# The task
Set down again exactly the lines of the listing below that fall between the line holding "nCE: R921.2 U1.21(nCE)" and the line holding "### Library data of the parts", inclusive.

# Given records
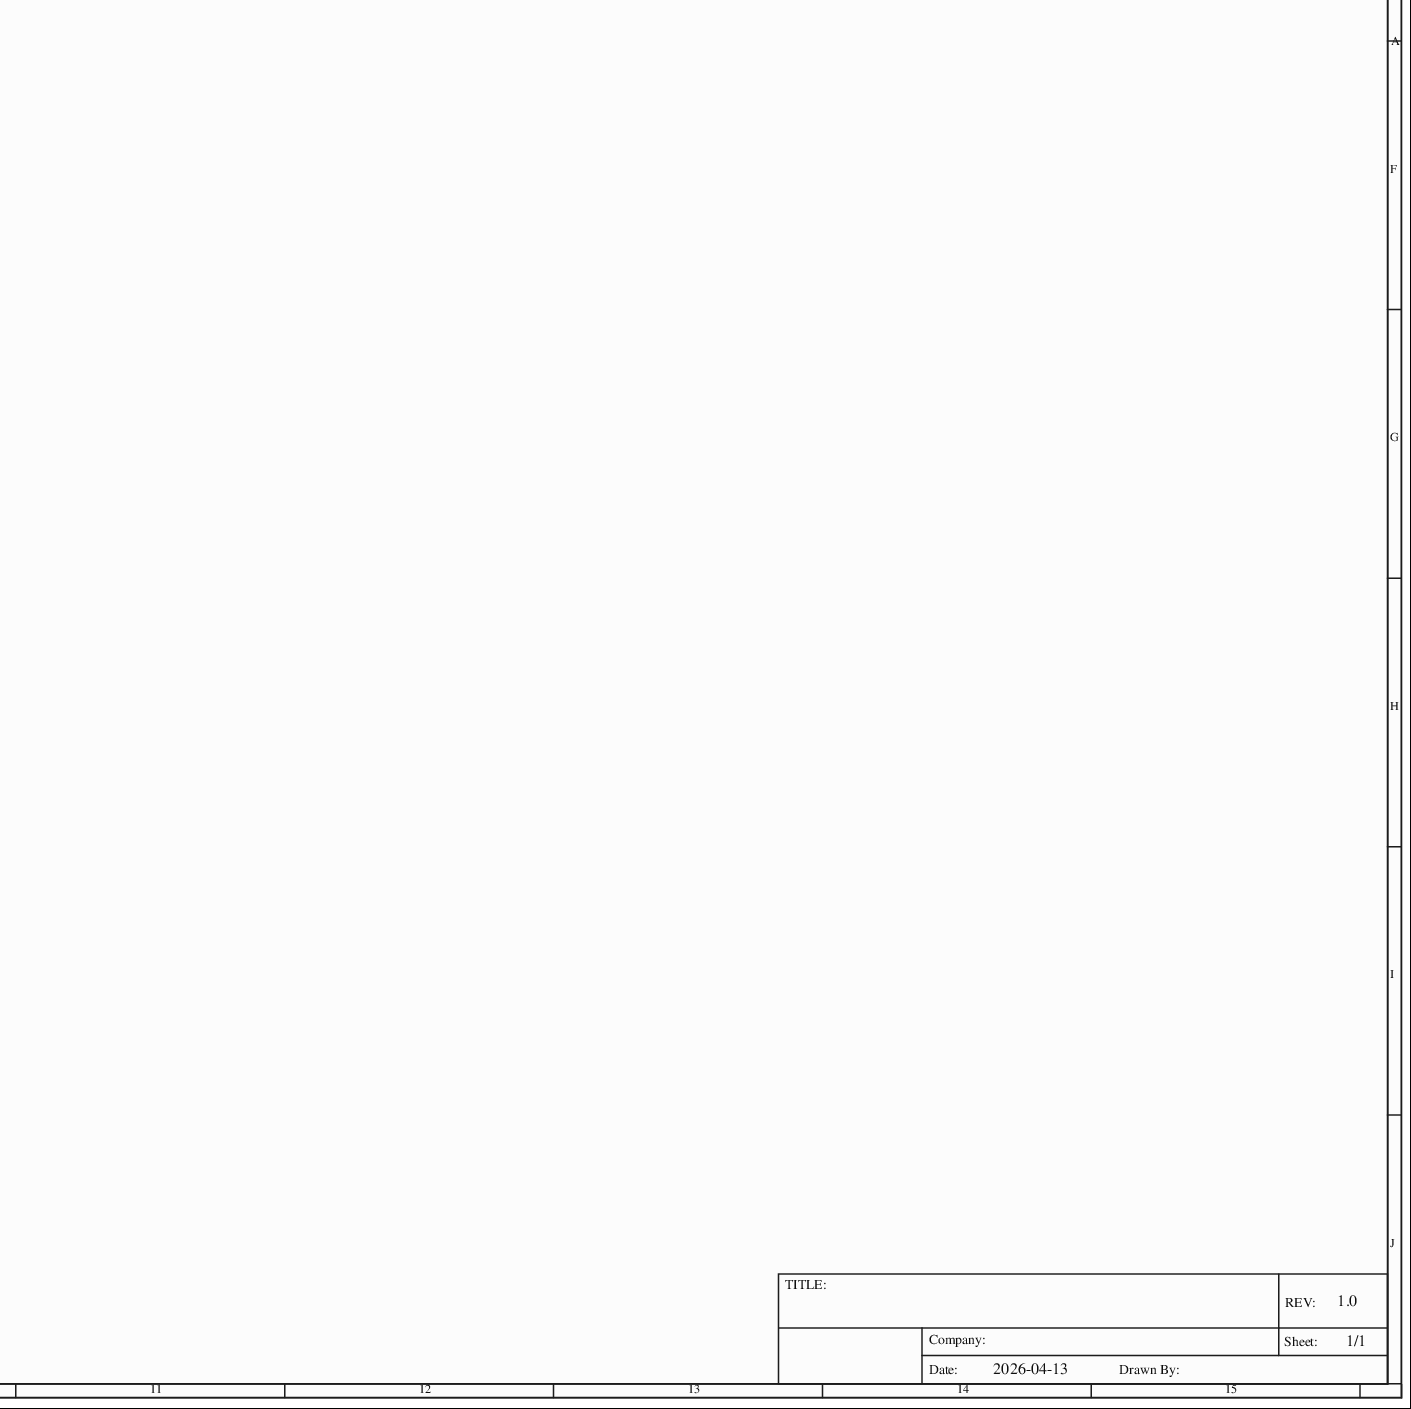
[diagram p0: MISC51540-3.schdoc, bottom right]
# Altium project MISC51540-2.PrjPcb (part 2 of 2)
## Sheet MISC51540-3.schdoc (continued)
### Blocks framed on the sheet (continued)
排针部分: PIA1 PIA2
去耦电路: C5 C17 C26 C29 C35 C37 C40 C47 C61 C62 C78 C81 C102 C107 C109 C116 C117 C122 C130 C134 C139 C5633

### Nets
1.2V: C5.2 C29.2 C37.2 C56.2 C61.2 C78.2 C102.2 C109.2 C116.2 C134.2 U1.5(VCCINT) U1.29(VCCINT) U1.37(VCCD_PLL1) U1.45(VCCINT) U1.61(VCCINT) U1.78(VCCINT) U1.102(VCCINT) U1.109(VCCD_PLL2) U1.116(VCCINT) U1.134(VCCINT) U12.2(OUT) U12.4(OUT)
2.5V: C35.2 C57.2 C107.2 U1.35(VCCA1) U1.107(VCCA2) U205.2(OUT) U205.4(OUT)
3.3V: C17.2 C25.2 C26.2 C40.2 C47.2 C59.2 C62.2 C81.2 C117.2 C122.2 C130.2 C139.2 C5633.2 JPAG.4 JZ.4(VDD) LED1.2(A) LED2.2(A) PIA1.2 PIA2.1 R1.1 R2.1 R3.1 R4.1 R5.1 RK7.2 RK8.2 RK9.2 RK10.2 RK11.2 U1.17(VCCIO1) U1.26(VCCIO2) U1.40(VCCIO3) U1.47(VCCIO3) U1.56(VCCIO4) U1.62(VCCIO4) U1.81(VCCIO5) U1.93(VCCIO6) U1.94(MSEL0) U1.97(MSEL2) U1.117(VCCIO7) U1.122(VCCIO7) U1.130(VCCIO8) U1.139(VCCIO8) U3.2(OUT) U3.4(OUT) W2516.3(IO2) W2516.7(IO3) W2516.8(VCC)
5V: C60.2 D1.1(C) PIA1.24 PIA2.23 SOUR.1 U3.3(IN) U12.3(IN) U205.3(IN)
GND: C5.1 C17.1 C25.1 C26.1 C29.1 C35.1 C37.1 C40.1 C47.1 C56.1 C57.1 C59.1 C60.1 C61.1 C62.1 C78.1 C81.1 C102.1 C107.1 C109.1 C116.1 C117.1 C122.1 C130.1 C134.1 C139.1 C5633.1 D1.2(A) JPAG.2 JPAG.10 JZ.2(GND) KEY1.1 KEY2.1 KEY3.1 KEY4.1 KEY5.1 PIA1.1 PIA1.23 PIA2.2 PIA2.24 R7.2 R921.1 RST1.1 SOUR.2 SOUR.3 U1.4(GND) U1.19(GND) U1.22(GND) U1.27(GND) U1.36(GNDA1) U1.41(GND) U1.48(GND) U1.57(GND) U1.63(GND) U1.79(GND) U1.82(GND) U1.95(GND) U1.96(MSEL1) U1.108(GNDA2) U1.118(GND) U1.123(GND) U1.131(GND) U1.140(GND) U1.145(EP) U3.1(ADJ/GND) U12.1(GND) U205.1(GND) W2516.4(GND)
ASDO: U1.6(IO,DIFFIO_L1n,(DATA1,ASDO)) W2516.5(DI/IO0)
CLK: JZ.3(OUT) U1.23(CLK1,DIFFCLK_0n)
CONF_DONE: R5.2 U1.92(CONF_DONE)
DATA0: U1.13(IO,(DATA0)) W2516.2(DO/IO1)
DCLK: U1.12(DCLK) W2516.6(CLK)
IO1: PIA2.29 U1.1(IO)
IO2: PIA2.30 U1.2(IO)
IO3: PIA2.27 U1.3(IO)
IO7: PIA2.28 U1.7(IO,VREFB1N0)
IO10: PIA2.25 U1.10(IO,DIFFIO_L4p,(DQS0L/CQ1L,DPCLK0))
IO11: PIA2.26 U1.11(IO,DIFFIO_L4n)
IO28: PIA2.21 U1.28(IO,DIFFIO_L6n)
IO30: PIA2.22 U1.30(IO,DIFFIO_L8p,(DQS1L/CQ1L#,DPCLK1))
IO31: PIA2.19 U1.31(IO,VREFB2N0)
IO32: PIA2.20 U1.32(IO,RUP1)
IO33: PIA2.17 U1.33(IO,RDN1)
IO34: PIA2.18 U1.34(IO)
IO38: PIA2.15 U1.38(IO,DIFFIO_B1p)
IO39: PIA2.16 U1.39(IO,DIFFIO_B1n)
IO42: PIA2.13 U1.42(IO,(DQS1B/CQ1B#,DPCLK2))
IO43: PIA2.14 U1.43(IO,PLL1_CLKOUTp)
IO44: PIA2.11 U1.44(IO,PLL1_CLKOUTn)
IO46: PIA2.12 U1.46(IO,VREFB3N0)
IO49: PIA2.9 U1.49(IO,DIFFIO_B9p,(DQ1B))
IO50: PIA2.10 U1.50(IO,DIFFIO_B9n,(DQ1B))
IO51: PIA2.7 U1.51(IO,DIFFIO_B10p,(DQ1B))
IO52: PIA2.8 U1.52(IO,DIFFIO_B11p)
IO53: PIA2.5 U1.53(IO,DIFFIO_B11n)
IO54: PIA2.6 U1.54(IO,DIFFIO_B12p)
IO55: PIA2.3 U1.55(IO,DIFFIO_B12n)
IO58: PIA2.4 U1.58(IO,DIFFIO_B15p,(DQ1B))
IO59: PIA1.3 U1.59(IO,DIFFIO_B16p,(DQ1B))
IO60: PIA1.4 U1.60(IO,DIFFIO_B16n,(DQ1B))
IO64: PIA1.5 U1.64(IO)
IO65: PIA1.6 U1.65(IO,VREFB4N0)
IO66: PIA1.7 U1.66(IO,RUP2,(DQ1B))
IO67: PIA1.8 U1.67(IO,RDN2,(DQ1B))
IO68: PIA1.9 U1.68(IO,DIFFIO_B20n,(DQS0B/CQ1B,DPCLK3))
IO69: PIA1.10 U1.69(IO)
IO70: PIA1.11 U1.70(IO,DIFFIO_B21p)
IO71: PIA1.12 U1.71(IO,DIFFIO_B21n)
IO72: PIA1.13 U1.72(IO,DIFFIO_B22p)
IO73: PIA1.14 U1.73(IO)
IO74: PIA1.15 U1.74(IO)
IO75: PIA1.16 U1.75(IO)
IO76: PIA1.17 U1.76(IO,RUP3)
IO77: PIA1.18 U1.77(IO,RDN3)
IO80: PIA1.19 U1.80(IO,VREFB5N0)
IO83: PIA1.20 U1.83(IO)
IO84: PIA1.21 U1.84(IO,DIFFIO_R8n)
IO85: PIA1.22 U1.85(IO,DIFFIO_R8p,(DQS1R/CQ1R#,DPCLK4))
IO86: PIA1.25 U1.86(IO,DIFFIO_R7n,(DEV_OE))
IO87: PIA1.26 U1.87(IO,DIFFIO_R7p,(DEV_CLRn))
IO98: PIA1.27 U1.98(IO,DIFFIO_R4n,(INT_DONE))
IO99: PIA1.28 U1.99(IO,DIFFIO_R4P,(CRC_ERROR))
IO100: PIA1.29 U1.100(IO)
IO101: PIA1.30 U1.101(IO,DIFFIO_R3n(nCEO))
IO103: PIA1.31 U1.103(IO,DIFFIO_R3p,(CLKUSR))
IO104: PIA1.32 U1.104(IO,(DQS0R/CQ1R,DPCLK5))
IO105: PIA1.33 U1.105(IO,VERFB6N0)
IO106: PIA1.34 U1.106(IO,DIFFIO_R1n)
IO110: PIA1.35 U1.110(IO,DIFFIO_T20p,(DQS0T/CQ1T,DPCLK6))
IO111: PIA1.36 U1.111(IO,DIFFIO_T19p)
IO112: PIA1.37 U1.112(IO,PLL2_CLKOUTn)
IO113: PIA1.38 U1.113(IO,PLL2_CLKOUTp)
IO114: PIA1.39 U1.114(IO,RUP4,(DQ1T))
IO115: PIA1.40 U1.115(IO,RDN4,(DQ1T))
IO119: PIA1.41 U1.119(IO,VREFB7N0)
IO120: PIA1.42 U1.120(IO,DIFFIO_T16n,(DQ1T))
IO121: PIA1.43 U1.121(IO,DIFFIO_T16p)
IO124: PIA1.44 U1.124(IO,DIFFIO_T13p)
IO125: R6.2 U1.125(IO)
IO126: PIA2.43 U1.126(IO,DIFFIO_T12n)
IO127: PIA2.44 U1.127(IO,DIFFIO_T12p)
IO128: PIA2.41 U1.128(IO,DIFFIO_T11n)
IO129: PIA2.42 U1.129(IO,DIFFIO_T11p)
IO132: PIA2.39 U1.132(IO,DIFFIO_T10n,(DATA2),(DQ1T))
IO133: PIA2.40 U1.133(IO,DIFFIO_T10p,(DATA3),(DQ1T))
IO135: PIA2.37 U1.135(IO,DIFFIO_T8n,(DQ1T))
IO136: PIA2.38 U1.136(IO,VREFB8N0)
IO137: PIA2.35 U1.137(IO,(DATA5),(DQ1T))
IO138: PIA2.36 U1.138(IO,(DATA6))
IO141: PIA2.33 U1.141(IO,DIFFIO_T5p)
IO142: PIA2.34 U1.142(IO,DIFFIO_T2p,(DQS1T/CQ1T#,DPCLK7))
IO143: PIA2.31 U1.143(IO,DIFFIO_T1n,(DQ1T))
IO144: PIA2.32 U1.144(IO,DIFFIO_T1p,(DM1T))
KEY1: KEY1.2 RK7.1 U1.91(CLK4,DIFFCLK_2p)
KEY2: KEY2.2 RK8.1 U1.90(CLK5,DIFFCLK_2n)
KEY3: KEY3.2 RK9.1 U1.89(CLK6,DIFFCLK_3p)
KEY4: KEY4.2 RK10.1 U1.88(CLK7,DIFFCLK_3n)
KEY5: KEY5.2 RK11.1 U1.25(CLK3,DIFFCLK_1n)
nCE: R921.2 U1.21(nCE)
nCONFIG: R1.2 RST1.2 U1.14(nCONFIG)
nCSO: U1.8(IO,DIFFIO_L2p,(FLASH_nCE,nCSO)) W2516.1(/CS)
TCK: JPAG.1 U1.16(TCK)
TDI: JPAG.9 R3.2 U1.15(TDI)
TDO: JPAG.3 U1.20(TDO)
TMS: JPAG.5 R4.2 U1.18(TMS)
NetLED1_1: LED1.1(K) R6.1
NetLED2_1: LED2.1(K) R7.1
NetR2_2: R2.2 U1.9(nSTATUS)

Not connected (* = marked no-connect by the designer): JPAG 6 7 8; JZ 1(Tri-state); U1 24(CLK2,DIFFCLK_1p)

### Notes on the sheet
- 3.3V
- 2.5V
- 1.2V
- 1
- 2
- 3
- 4
- 5
- 6
- 7
- 8
- 9
- 10
- 11
- 12
- 13
- 14
- 15
- A
- B
- C
- D
- E
- F
- G
- H
- I
- J
- TITLE:
- Company:
- Sheet:
- REV:
- 1.0
- 1/1
- Date:
- 2026-04-13
- Drawn By:

### Library data of the parts
C5 = CGA0603X7R104K500JT: Manufacturer: HRE(芯声); Convert to PCB: yes; UniqueId: gge0ab724233a2623d0; ModelId: fca5be93b99f4b5a9a2fd372d58c31d9; Device: CGA0603X7R104K500JT; Supplier: LCSC; Supplier Part: C6119867; Manufacturer Part: CGA0603X7R104K500JT; JLCPCB Part Class: Extended Part; Add into BOM: yes; SymbolName: 100nF; FootprintName: C0603; ModelName: C0603
C17 = CGA0603X7R104K500JT: Manufacturer: HRE(芯声); Convert to PCB: yes; UniqueId: gge3e3f6c4a17e9f92c; ModelId: fca5be93b99f4b5a9a2fd372d58c31d9; Device: CGA0603X7R104K500JT; Supplier: LCSC; Supplier Part: C6119867; Manufacturer Part: CGA0603X7R104K500JT; JLCPCB Part Class: Extended Part; link: https://so.szlcsc.com/global.html?k=C6119867&ref=editor; Add into BOM: yes; SymbolName: 100nF; FootprintName: C0603; ModelName: C0603
C25 = CGA0603X7R104K500JT: Manufacturer: HRE(芯声); Convert to PCB: yes; UniqueId: gge1dcd944eacf6739f; ModelId: fca5be93b99f4b5a9a2fd372d58c31d9; Device: CGA0603X7R104K500JT; Supplier: LCSC; Supplier Part: C6119867; Manufacturer Part: CGA0603X7R104K500JT; JLCPCB Part Class: Extended Part; Add into BOM: yes; SymbolName: 100nF; FootprintName: C0603; ModelName: C0603
C26 = CGA0603X7R104K500JT: Manufacturer: HRE(芯声); Convert to PCB: yes; UniqueId: ggefbb414963a23ec0e; ModelId: fca5be93b99f4b5a9a2fd372d58c31d9; Device: CGA0603X7R104K500JT; Supplier: LCSC; Supplier Part: C6119867; Manufacturer Part: CGA0603X7R104K500JT; JLCPCB Part Class: Extended Part; link: https://so.szlcsc.com/global.html?k=C6119867&ref=editor; Add into BOM: yes; SymbolName: 100nF; FootprintName: C0603; ModelName: C0603
C29 = CGA0603X7R104K500JT: Manufacturer: HRE(芯声); Convert to PCB: yes; UniqueId: ggea33bd4190d969296; ModelId: fca5be93b99f4b5a9a2fd372d58c31d9; Device: CGA0603X7R104K500JT; Supplier: LCSC; Supplier Part: C6119867; Manufacturer Part: CGA0603X7R104K500JT; JLCPCB Part Class: Extended Part; Add into BOM: yes; SymbolName: 100nF; FootprintName: C0603; ModelName: C0603
C35 = CGA0603X7R104K500JT: Manufacturer: HRE(芯声); Convert to PCB: yes; UniqueId: gge4c3bca641a64584e; ModelId: fca5be93b99f4b5a9a2fd372d58c31d9; Device: CGA0603X7R104K500JT; Supplier: LCSC; Supplier Part: C6119867; Manufacturer Part: CGA0603X7R104K500JT; JLCPCB Part Class: Extended Part; Add into BOM: yes; SymbolName: 100nF; FootprintName: C0603; ModelName: C0603
C37 = CGA0603X7R104K500JT: Manufacturer: HRE(芯声); Convert to PCB: yes; UniqueId: gge7fa45b86e39cbac6; ModelId: fca5be93b99f4b5a9a2fd372d58c31d9; Device: CGA0603X7R104K500JT; Supplier: LCSC; Supplier Part: C6119867; Manufacturer Part: CGA0603X7R104K500JT; JLCPCB Part Class: Extended Part; Add into BOM: yes; SymbolName: 100nF; FootprintName: C0603; ModelName: C0603
C40 = CGA0603X7R104K500JT: Manufacturer: HRE(芯声); Convert to PCB: yes; UniqueId: ggeef4efbbf3a1addba; ModelId: fca5be93b99f4b5a9a2fd372d58c31d9; Device: CGA0603X7R104K500JT; Supplier: LCSC; Supplier Part: C6119867; Manufacturer Part: CGA0603X7R104K500JT; JLCPCB Part Class: Extended Part; link: https://so.szlcsc.com/global.html?k=C6119867&ref=editor; Add into BOM: yes; SymbolName: 100nF; FootprintName: C0603; ModelName: C0603
C47 = CGA0603X7R104K500JT: Manufacturer: HRE(芯声); Convert to PCB: yes; UniqueId: gge8784bd8446bd5347; ModelId: fca5be93b99f4b5a9a2fd372d58c31d9; Device: CGA0603X7R104K500JT; Supplier: LCSC; Supplier Part: C6119867; Manufacturer Part: CGA0603X7R104K500JT; JLCPCB Part Class: Extended Part; link: https://so.szlcsc.com/global.html?k=C6119867&ref=editor; Add into BOM: yes; SymbolName: 100nF; FootprintName: C0603; ModelName: C0603
C56 = CGA0603X5R106K100JT: Manufacturer: HRE(芯声); Convert to PCB: yes; UniqueId: ggeb1aeb7c682b9457e; ModelId: fca5be93b99f4b5a9a2fd372d58c31d9; Device: CGA0603X5R106K100JT; Supplier: LCSC; Supplier Part: C6119842; Manufacturer Part: CGA0603X5R106K100JT; JLCPCB Part Class: Extended Part; Add into BOM: yes; SymbolName: 10uF; FootprintName: C0603; ModelName: C0603
C57 = CGA0603X5R106K100JT: Manufacturer: HRE(芯声); Convert to PCB: yes; UniqueId: ggeea8e1bc6ce9516f9; ModelId: fca5be93b99f4b5a9a2fd372d58c31d9; Device: CGA0603X5R106K100JT; Supplier: LCSC; Supplier Part: C6119842; Manufacturer Part: CGA0603X5R106K100JT; JLCPCB Part Class: Extended Part; Add into BOM: yes; SymbolName: 10uF; FootprintName: C0603; ModelName: C0603
C59 = CGA0603X5R106K100JT: Manufacturer: HRE(芯声); Convert to PCB: yes; UniqueId: gge542c9f5738b40874; ModelId: fca5be93b99f4b5a9a2fd372d58c31d9; Device: CGA0603X5R106K100JT; Supplier: LCSC; Supplier Part: C6119842; Manufacturer Part: CGA0603X5R106K100JT; JLCPCB Part Class: Extended Part; Add into BOM: yes; SymbolName: 10uF; FootprintName: C0603; ModelName: C0603
C60 = CGA0603X5R106K100JT: Manufacturer: HRE(芯声); Convert to PCB: yes; UniqueId: ggec45bc4da3ceed75e; ModelId: fca5be93b99f4b5a9a2fd372d58c31d9; Device: CGA0603X5R106K100JT; Supplier: LCSC; Supplier Part: C6119842; Manufacturer Part: CGA0603X5R106K100JT; JLCPCB Part Class: Extended Part; Add into BOM: yes; SymbolName: 10uF; FootprintName: C0603; ModelName: C0603
C61 = CGA0603X7R104K500JT: Manufacturer: HRE(芯声); Convert to PCB: yes; UniqueId: gge698b9b1cb2842f4f; ModelId: fca5be93b99f4b5a9a2fd372d58c31d9; Device: CGA0603X7R104K500JT; Supplier: LCSC; Supplier Part: C6119867; Manufacturer Part: CGA0603X7R104K500JT; JLCPCB Part Class: Extended Part; Add into BOM: yes; SymbolName: 100nF; FootprintName: C0603; ModelName: C0603
C62 = CGA0603X7R104K500JT: Manufacturer: HRE(芯声); Convert to PCB: yes; UniqueId: gge2b5a30a8139660d3; ModelId: fca5be93b99f4b5a9a2fd372d58c31d9; Device: CGA0603X7R104K500JT; Supplier: LCSC; Supplier Part: C6119867; Manufacturer Part: CGA0603X7R104K500JT; JLCPCB Part Class: Extended Part; link: https://so.szlcsc.com/global.html?k=C6119867&ref=editor; Add into BOM: yes; SymbolName: 100nF; FootprintName: C0603; ModelName: C0603
C78 = CGA0603X7R104K500JT: Manufacturer: HRE(芯声); Convert to PCB: yes; UniqueId: gge1c8932c338afe5d9; ModelId: fca5be93b99f4b5a9a2fd372d58c31d9; Device: CGA0603X7R104K500JT; Supplier: LCSC; Supplier Part: C6119867; Manufacturer Part: CGA0603X7R104K500JT; JLCPCB Part Class: Extended Part; Add into BOM: yes; SymbolName: 100nF; FootprintName: C0603; ModelName: C0603
C81 = CGA0603X7R104K500JT: Manufacturer: HRE(芯声); Convert to PCB: yes; UniqueId: ggebe4fcc6ac8c27808; ModelId: fca5be93b99f4b5a9a2fd372d58c31d9; Device: CGA0603X7R104K500JT; Supplier: LCSC; Supplier Part: C6119867; Manufacturer Part: CGA0603X7R104K500JT; JLCPCB Part Class: Extended Part; link: https://so.szlcsc.com/global.html?k=C6119867&ref=editor; Add into BOM: yes; SymbolName: 100nF; FootprintName: C0603; ModelName: C0603
C102 = CGA0603X7R104K500JT: Manufacturer: HRE(芯声); Convert to PCB: yes; UniqueId: gge00da9887cda85263; ModelId: fca5be93b99f4b5a9a2fd372d58c31d9; Device: CGA0603X7R104K500JT; Supplier: LCSC; Supplier Part: C6119867; Manufacturer Part: CGA0603X7R104K500JT; JLCPCB Part Class: Extended Part; Add into BOM: yes; SymbolName: 100nF; FootprintName: C0603; ModelName: C0603
C107 = CGA0603X7R104K500JT: Manufacturer: HRE(芯声); Convert to PCB: yes; UniqueId: gge82d5f65b0fe58dba; ModelId: fca5be93b99f4b5a9a2fd372d58c31d9; Device: CGA0603X7R104K500JT; Supplier: LCSC; Supplier Part: C6119867; Manufacturer Part: CGA0603X7R104K500JT; JLCPCB Part Class: Extended Part; Add into BOM: yes; SymbolName: 100nF; FootprintName: C0603; ModelName: C0603
C109 = CGA0603X7R104K500JT: Manufacturer: HRE(芯声); Convert to PCB: yes; UniqueId: gge1731ea11c8b72662; ModelId: fca5be93b99f4b5a9a2fd372d58c31d9; Device: CGA0603X7R104K500JT; Supplier: LCSC; Supplier Part: C6119867; Manufacturer Part: CGA0603X7R104K500JT; JLCPCB Part Class: Extended Part; Add into BOM: yes; SymbolName: 100nF; FootprintName: C0603; ModelName: C0603
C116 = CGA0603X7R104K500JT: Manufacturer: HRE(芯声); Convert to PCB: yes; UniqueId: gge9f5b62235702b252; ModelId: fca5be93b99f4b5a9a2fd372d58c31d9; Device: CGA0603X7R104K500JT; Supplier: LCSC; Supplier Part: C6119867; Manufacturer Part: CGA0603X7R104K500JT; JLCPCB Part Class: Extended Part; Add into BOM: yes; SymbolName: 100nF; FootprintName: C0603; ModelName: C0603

# Written response
nCE: R921.2 U1.21(nCE)
nCONFIG: R1.2 RST1.2 U1.14(nCONFIG)
nCSO: U1.8(IO,DIFFIO_L2p,(FLASH_nCE,nCSO)) W2516.1(/CS)
TCK: JPAG.1 U1.16(TCK)
TDI: JPAG.9 R3.2 U1.15(TDI)
TDO: JPAG.3 U1.20(TDO)
TMS: JPAG.5 R4.2 U1.18(TMS)
NetLED1_1: LED1.1(K) R6.1
NetLED2_1: LED2.1(K) R7.1
NetR2_2: R2.2 U1.9(nSTATUS)

Not connected (* = marked no-connect by the designer): JPAG 6 7 8; JZ 1(Tri-state); U1 24(CLK2,DIFFCLK_1p)

### Notes on the sheet
- 3.3V
- 2.5V
- 1.2V
- 1
- 2
- 3
- 4
- 5
- 6
- 7
- 8
- 9
- 10
- 11
- 12
- 13
- 14
- 15
- A
- B
- C
- D
- E
- F
- G
- H
- I
- J
- TITLE:
- Company:
- Sheet:
- REV:
- 1.0
- 1/1
- Date:
- 2026-04-13
- Drawn By:

### Library data of the parts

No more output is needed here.